▶ **Work instructions**:
Which lines run from the line with "p21 = place(p12, origin())" through the line with "p22 = place(p13, origin())" in the entries below? Print them exactly, both ends included, and nothing more.

Provided data START

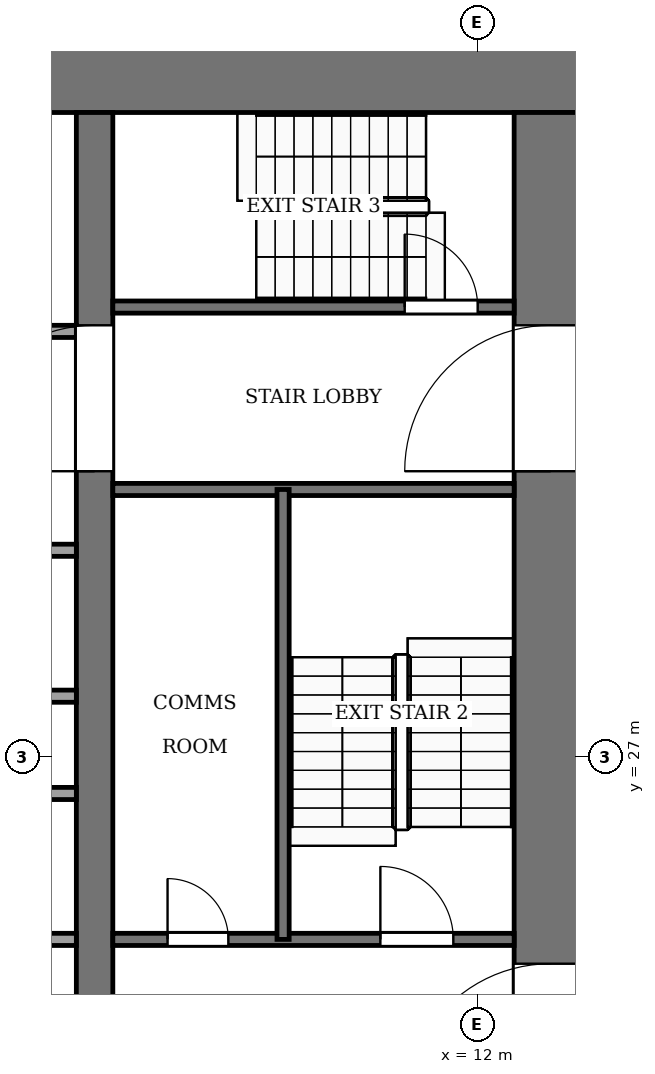
"""IFC4 building model, lengths in metres.
Left out: names, types, materials, properties, quantities, classifications, styles, units other than length and angle.
Written with IfcOpenShell. Run it as: python <this file> out.ifc"""

import sys

from ifc_helpers import new_model, si_unit, direction, frame, frame_2d, origin, place, context, subcontext, project, spatial, rectangle, extrude, element, fill, save


model = new_model("IFC4")
c1 = context("Model", 3, precision=1e-05, world=origin(), true_north=direction((0.0, 1.0)))
c2 = subcontext(c1, "Body", "Model", "MODEL_VIEW")
j1 = project(units=[si_unit("LENGTHUNIT", "METRE"), si_unit("PLANEANGLEUNIT", "RADIAN")], contexts=[c1])
p1 = place(None, origin())
s1 = spatial("IfcSite", under=j1, at=p1, CompositionType="ELEMENT")
p2 = place(p1, origin())
s2 = spatial("IfcBuilding", under=s1, at=p2, CompositionType="ELEMENT")
p3 = place(p2, frame((0.0, 0.0, 114.0)))
s3 = spatial("IfcBuildingStorey", under=s2, at=p3, CompositionType="ELEMENT", Elevation=114.0)
p4 = place(p3, frame((-13.8, 38.2, -0.25), z_axis=(0.0, 0.0, 1.0), x_axis=(1.0, 0.0, 0.0)))
e1 = element("IfcWall", 1, at=p4, inside=s3, PredefinedType="SHEAR", context=c2, shape_type="SweptSolid", body=[
    extrude(rectangle(XDim=27.6, YDim=1.2, at=frame_2d((13.8, 0.0))), origin(), (0.0, 0.0, 1.0), 7.12),
])
p5 = place(p3, frame((13.2, 18.4, -0.25), z_axis=(0.0, 0.0, 1.0), x_axis=(0.0, 1.0, 0.0)))
e2 = element("IfcWall", 2, at=p5, inside=s3, PredefinedType="SHEAR", context=c2, shape_type="SweptSolid", body=[
    extrude(rectangle(XDim=19.2, YDim=1.2, at=frame_2d((9.6, 0.0))), origin(), (0.0, 0.0, 1.0), 7.12),
])
p6 = place(p5, frame((2.8, 0.0, 0.25)))
e3 = element("IfcOpeningElement", 3, at=p6, cuts=e2, PredefinedType="OPENING", context=c2, shape_type="SweptSolid", body=[
    extrude(rectangle(XDim=2.4, YDim=2.4, at=frame_2d((1.2, 1.2))), frame((0.0, 0.61, 0.0), z_axis=(0.0, -1.0, 0.0), x_axis=(1.0, 0.0, 0.0)), (0.0, 0.0, 1.0), 1.22),
])
p7 = place(p5, frame((13.3, 0.0, 0.25)))
e4 = element("IfcOpeningElement", 4, at=p7, cuts=e2, PredefinedType="OPENING", context=c2, shape_type="SweptSolid", body=[
    extrude(rectangle(XDim=2.4, YDim=2.4, at=frame_2d((1.2, 1.2))), frame((0.0, 0.61, 0.0), z_axis=(0.0, -1.0, 0.0), x_axis=(1.0, 0.0, 0.0)), (0.0, 0.0, 1.0), 1.22),
])
p8 = place(p3, frame((5.7, 18.4, -0.25), z_axis=(0.0, 0.0, 1.0), x_axis=(0.0, 1.0, 0.0)))
e5 = element("IfcWall", 5, at=p8, inside=s3, PredefinedType="SHEAR", context=c2, shape_type="SweptSolid", body=[
    extrude(rectangle(XDim=19.2, YDim=0.6, at=frame_2d((9.6, 0.0))), origin(), (0.0, 0.0, 1.0), 7.12),
])
p9 = place(p8, frame((13.3, 0.0, 0.25)))
e6 = element("IfcOpeningElement", 6, at=p9, cuts=e5, PredefinedType="OPENING", context=c2, shape_type="SweptSolid", body=[
    extrude(rectangle(XDim=2.4, YDim=2.4, at=frame_2d((1.2, 1.2))), frame((0.0, 0.31, 0.0), z_axis=(0.0, -1.0, 0.0), x_axis=(1.0, 0.0, 0.0)), (0.0, 0.0, 1.0), 0.62),
])
p10 = place(p3, frame((-5.4, 24.0, 0.0), z_axis=(0.0, 0.0, 1.0), x_axis=(1.0, 0.0, 0.0)))
e7 = element("IfcWall", 7, at=p10, inside=s3, PredefinedType="PARTITIONING", context=c2, shape_type="SweptSolid", body=[
    extrude(rectangle(XDim=10.8, YDim=0.2, at=frame_2d((5.4, 0.0))), origin(), (0.0, 0.0, 1.0), 6.87),
])
p11 = place(p3, frame((6.0, 24.0, 0.0), z_axis=(0.0, 0.0, 1.0), x_axis=(1.0, 0.0, 0.0)))
e8 = element("IfcWall", 8, at=p11, inside=s3, PredefinedType="PARTITIONING", context=c2, shape_type="SweptSolid", body=[
    extrude(rectangle(XDim=6.6, YDim=0.2, at=frame_2d((3.3, 0.0))), origin(), (0.0, 0.0, 1.0), 6.87),
])
p12 = place(p11, frame((0.9, 0.0, 0.0)))
e9 = element("IfcOpeningElement", 9, at=p12, cuts=e8, PredefinedType="OPENING", context=c2, shape_type="SweptSolid", body=[
    extrude(rectangle(XDim=1.0, YDim=2.1, at=frame_2d((0.5, 1.05))), frame((0.0, 0.11, 0.0), z_axis=(0.0, -1.0, 0.0), x_axis=(1.0, 0.0, 0.0)), (0.0, 0.0, 1.0), 0.22),
])
p13 = place(p11, frame((4.4, 0.0, 0.0)))
e10 = element("IfcOpeningElement", 10, at=p13, cuts=e8, PredefinedType="OPENING", context=c2, shape_type="SweptSolid", body=[
    extrude(rectangle(XDim=1.2, YDim=2.2, at=frame_2d((0.6, 1.1))), frame((0.0, 0.11, 0.0), z_axis=(0.0, -1.0, 0.0), x_axis=(1.0, 0.0, 0.0)), (0.0, 0.0, 1.0), 0.22),
])
for number, where, z_axis, x_axis in (
    (11, (-5.4, 26.4, 0.0), (0.0, 0.0, 1.0), (1.0, 0.0, 0.0)),
    (12, (-5.4, 28.0, 0.0), (0.0, 0.0, 1.0), (1.0, 0.0, 0.0)),
    (13, (-5.4, 30.4, 0.0), (0.0, 0.0, 1.0), (1.0, 0.0, 0.0)),
):
    element("IfcWall", number, at=place(p3, frame(where, z_axis=z_axis, x_axis=x_axis)), inside=s3, PredefinedType="PARTITIONING", context=c2, shape_type="SweptSolid", body=[
        extrude(rectangle(XDim=10.8, YDim=0.2, at=frame_2d((5.4, 0.0))), origin(), (0.0, 0.0, 1.0), 6.87),
    ])
p14 = place(p3, frame((6.0, 31.4, 0.0), z_axis=(0.0, 0.0, 1.0), x_axis=(1.0, 0.0, 0.0)))
e14 = element("IfcWall", 14, at=p14, inside=s3, PredefinedType="PARTITIONING", context=c2, shape_type="SweptSolid", body=[
    extrude(rectangle(XDim=6.6, YDim=0.2, at=frame_2d((3.3, 0.0))), origin(), (0.0, 0.0, 1.0), 6.87),
])
p15 = place(p3, frame((-5.4, 34.0, 0.0), z_axis=(0.0, 0.0, 1.0), x_axis=(1.0, 0.0, 0.0)))
e15 = element("IfcWall", 15, at=p15, inside=s3, PredefinedType="PARTITIONING", context=c2, shape_type="SweptSolid", body=[
    extrude(rectangle(XDim=10.8, YDim=0.2, at=frame_2d((5.4, 0.0))), origin(), (0.0, 0.0, 1.0), 6.87),
])
p16 = place(p15, frame((6.15, 0.0, 0.0)))
e16 = element("IfcOpeningElement", 16, at=p16, cuts=e15, PredefinedType="OPENING", context=c2, shape_type="SweptSolid", body=[
    extrude(rectangle(XDim=1.2, YDim=2.2, at=frame_2d((0.6, 1.1))), frame((0.0, 0.11, 0.0), z_axis=(0.0, -1.0, 0.0), x_axis=(1.0, 0.0, 0.0)), (0.0, 0.0, 1.0), 0.22),
])
p17 = place(p15, frame((8.95, 0.0, 0.0)))
e17 = element("IfcOpeningElement", 17, at=p17, cuts=e15, PredefinedType="OPENING", context=c2, shape_type="SweptSolid", body=[
    extrude(rectangle(XDim=1.0, YDim=2.1, at=frame_2d((0.5, 1.05))), frame((0.0, 0.11, 0.0), z_axis=(0.0, -1.0, 0.0), x_axis=(1.0, 0.0, 0.0)), (0.0, 0.0, 1.0), 0.22),
])
p18 = place(p3, frame((6.0, 34.4, 0.0), z_axis=(0.0, 0.0, 1.0), x_axis=(1.0, 0.0, 0.0)))
e18 = element("IfcWall", 18, at=p18, inside=s3, PredefinedType="PARTITIONING", context=c2, shape_type="SweptSolid", body=[
    extrude(rectangle(XDim=6.6, YDim=0.2, at=frame_2d((3.3, 0.0))), origin(), (0.0, 0.0, 1.0), 6.87),
])
p19 = place(p18, frame((4.8, 0.0, 0.0)))
e19 = element("IfcOpeningElement", 19, at=p19, cuts=e18, PredefinedType="OPENING", context=c2, shape_type="SweptSolid", body=[
    extrude(rectangle(XDim=1.2, YDim=2.2, at=frame_2d((0.6, 1.1))), frame((0.0, 0.11, 0.0), z_axis=(0.0, -1.0, 0.0), x_axis=(1.0, 0.0, 0.0)), (0.0, 0.0, 1.0), 0.22),
])
p20 = place(p3, frame((8.8, 24.0, 0.0), z_axis=(0.0, 0.0, 1.0), x_axis=(0.0, 1.0, 0.0)))
e20 = element("IfcWall", 20, at=p20, inside=s3, PredefinedType="PARTITIONING", context=c2, shape_type="SweptSolid", body=[
    extrude(rectangle(XDim=7.4, YDim=0.2, at=frame_2d((3.7, 0.0))), origin(), (0.0, 0.0, 1.0), 6.87),
])
p21 = place(p12, origin())
e21 = element("IfcDoor", 21, at=p21, inside=s3, OperationType="SINGLE_SWING_LEFT", PredefinedType="DOOR", context=c2, shape_type="SweptSolid", body=[
    extrude(rectangle(XDim=1.0, YDim=2.1, at=frame_2d((0.5, 1.05))), frame((0.0, 0.025, 0.0), z_axis=(0.0, -1.0, 0.0), x_axis=(1.0, 0.0, 0.0)), (0.0, 0.0, 1.0), 0.05),
])
fill(e9, e21)
p22 = place(p13, origin())
e22 = element("IfcDoor", 22, at=p22, inside=s3, OperationType="SINGLE_SWING_LEFT", PredefinedType="DOOR", context=c2, shape_type="SweptSolid", body=[
    extrude(rectangle(XDim=1.2, YDim=2.2, at=frame_2d((0.6, 1.1))), frame((0.0, 0.025, 0.0), z_axis=(0.0, -1.0, 0.0), x_axis=(1.0, 0.0, 0.0)), (0.0, 0.0, 1.0), 0.05),
])
fill(e10, e22)
p23 = place(p19, origin())
e23 = element("IfcDoor", 23, at=p23, inside=s3, OperationType="SINGLE_SWING_RIGHT", PredefinedType="DOOR", context=c2, shape_type="SweptSolid", body=[
    extrude(rectangle(XDim=1.2, YDim=2.2, at=frame_2d((0.6, 1.1))), frame((0.0, 0.025, 0.0), z_axis=(0.0, -1.0, 0.0), x_axis=(1.0, 0.0, 0.0)), (0.0, 0.0, 1.0), 0.05),
])
fill(e19, e23)
p24 = place(p9, origin())
e24 = element("IfcDoor", 24, at=p24, inside=s3, OperationType="DOUBLE_DOOR_SINGLE_SWING", PredefinedType="DOOR", context=c2, shape_type="SweptSolid", body=[
    extrude(rectangle(XDim=2.4, YDim=2.4, at=frame_2d((1.2, 1.2))), frame((0.0, 0.025, 0.0), z_axis=(0.0, -1.0, 0.0), x_axis=(1.0, 0.0, 0.0)), (0.0, 0.0, 1.0), 0.05),
])
fill(e6, e24)
p25 = place(p6, origin())
e25 = element("IfcDoor", 25, at=p25, inside=s3, OperationType="DOUBLE_DOOR_SINGLE_SWING", PredefinedType="DOOR", context=c2, shape_type="SweptSolid", body=[
    extrude(rectangle(XDim=2.4, YDim=2.4, at=frame_2d((1.2, 1.2))), frame((0.0, 0.025, 0.0), z_axis=(0.0, -1.0, 0.0), x_axis=(1.0, 0.0, 0.0)), (0.0, 0.0, 1.0), 0.05),
])
fill(e3, e25)
p26 = place(p7, origin())
e26 = element("IfcDoor", 26, at=p26, inside=s3, OperationType="DOUBLE_DOOR_SINGLE_SWING", PredefinedType="DOOR", context=c2, shape_type="SweptSolid", body=[
    extrude(rectangle(XDim=2.4, YDim=2.4, at=frame_2d((1.2, 1.2))), frame((0.0, 0.025, 0.0), z_axis=(0.0, -1.0, 0.0), x_axis=(1.0, 0.0, 0.0)), (0.0, 0.0, 1.0), 0.05),
])
fill(e4, e26)
save(model, sys.argv[1])

Provided data END

▶ **Solution**:
p21 = place(p12, origin())
e21 = element("IfcDoor", 21, at=p21, inside=s3, OperationType="SINGLE_SWING_LEFT", PredefinedType="DOOR", context=c2, shape_type="SweptSolid", body=[
    extrude(rectangle(XDim=1.0, YDim=2.1, at=frame_2d((0.5, 1.05))), frame((0.0, 0.025, 0.0), z_axis=(0.0, -1.0, 0.0), x_axis=(1.0, 0.0, 0.0)), (0.0, 0.0, 1.0), 0.05),
])
fill(e9, e21)
p22 = place(p13, origin())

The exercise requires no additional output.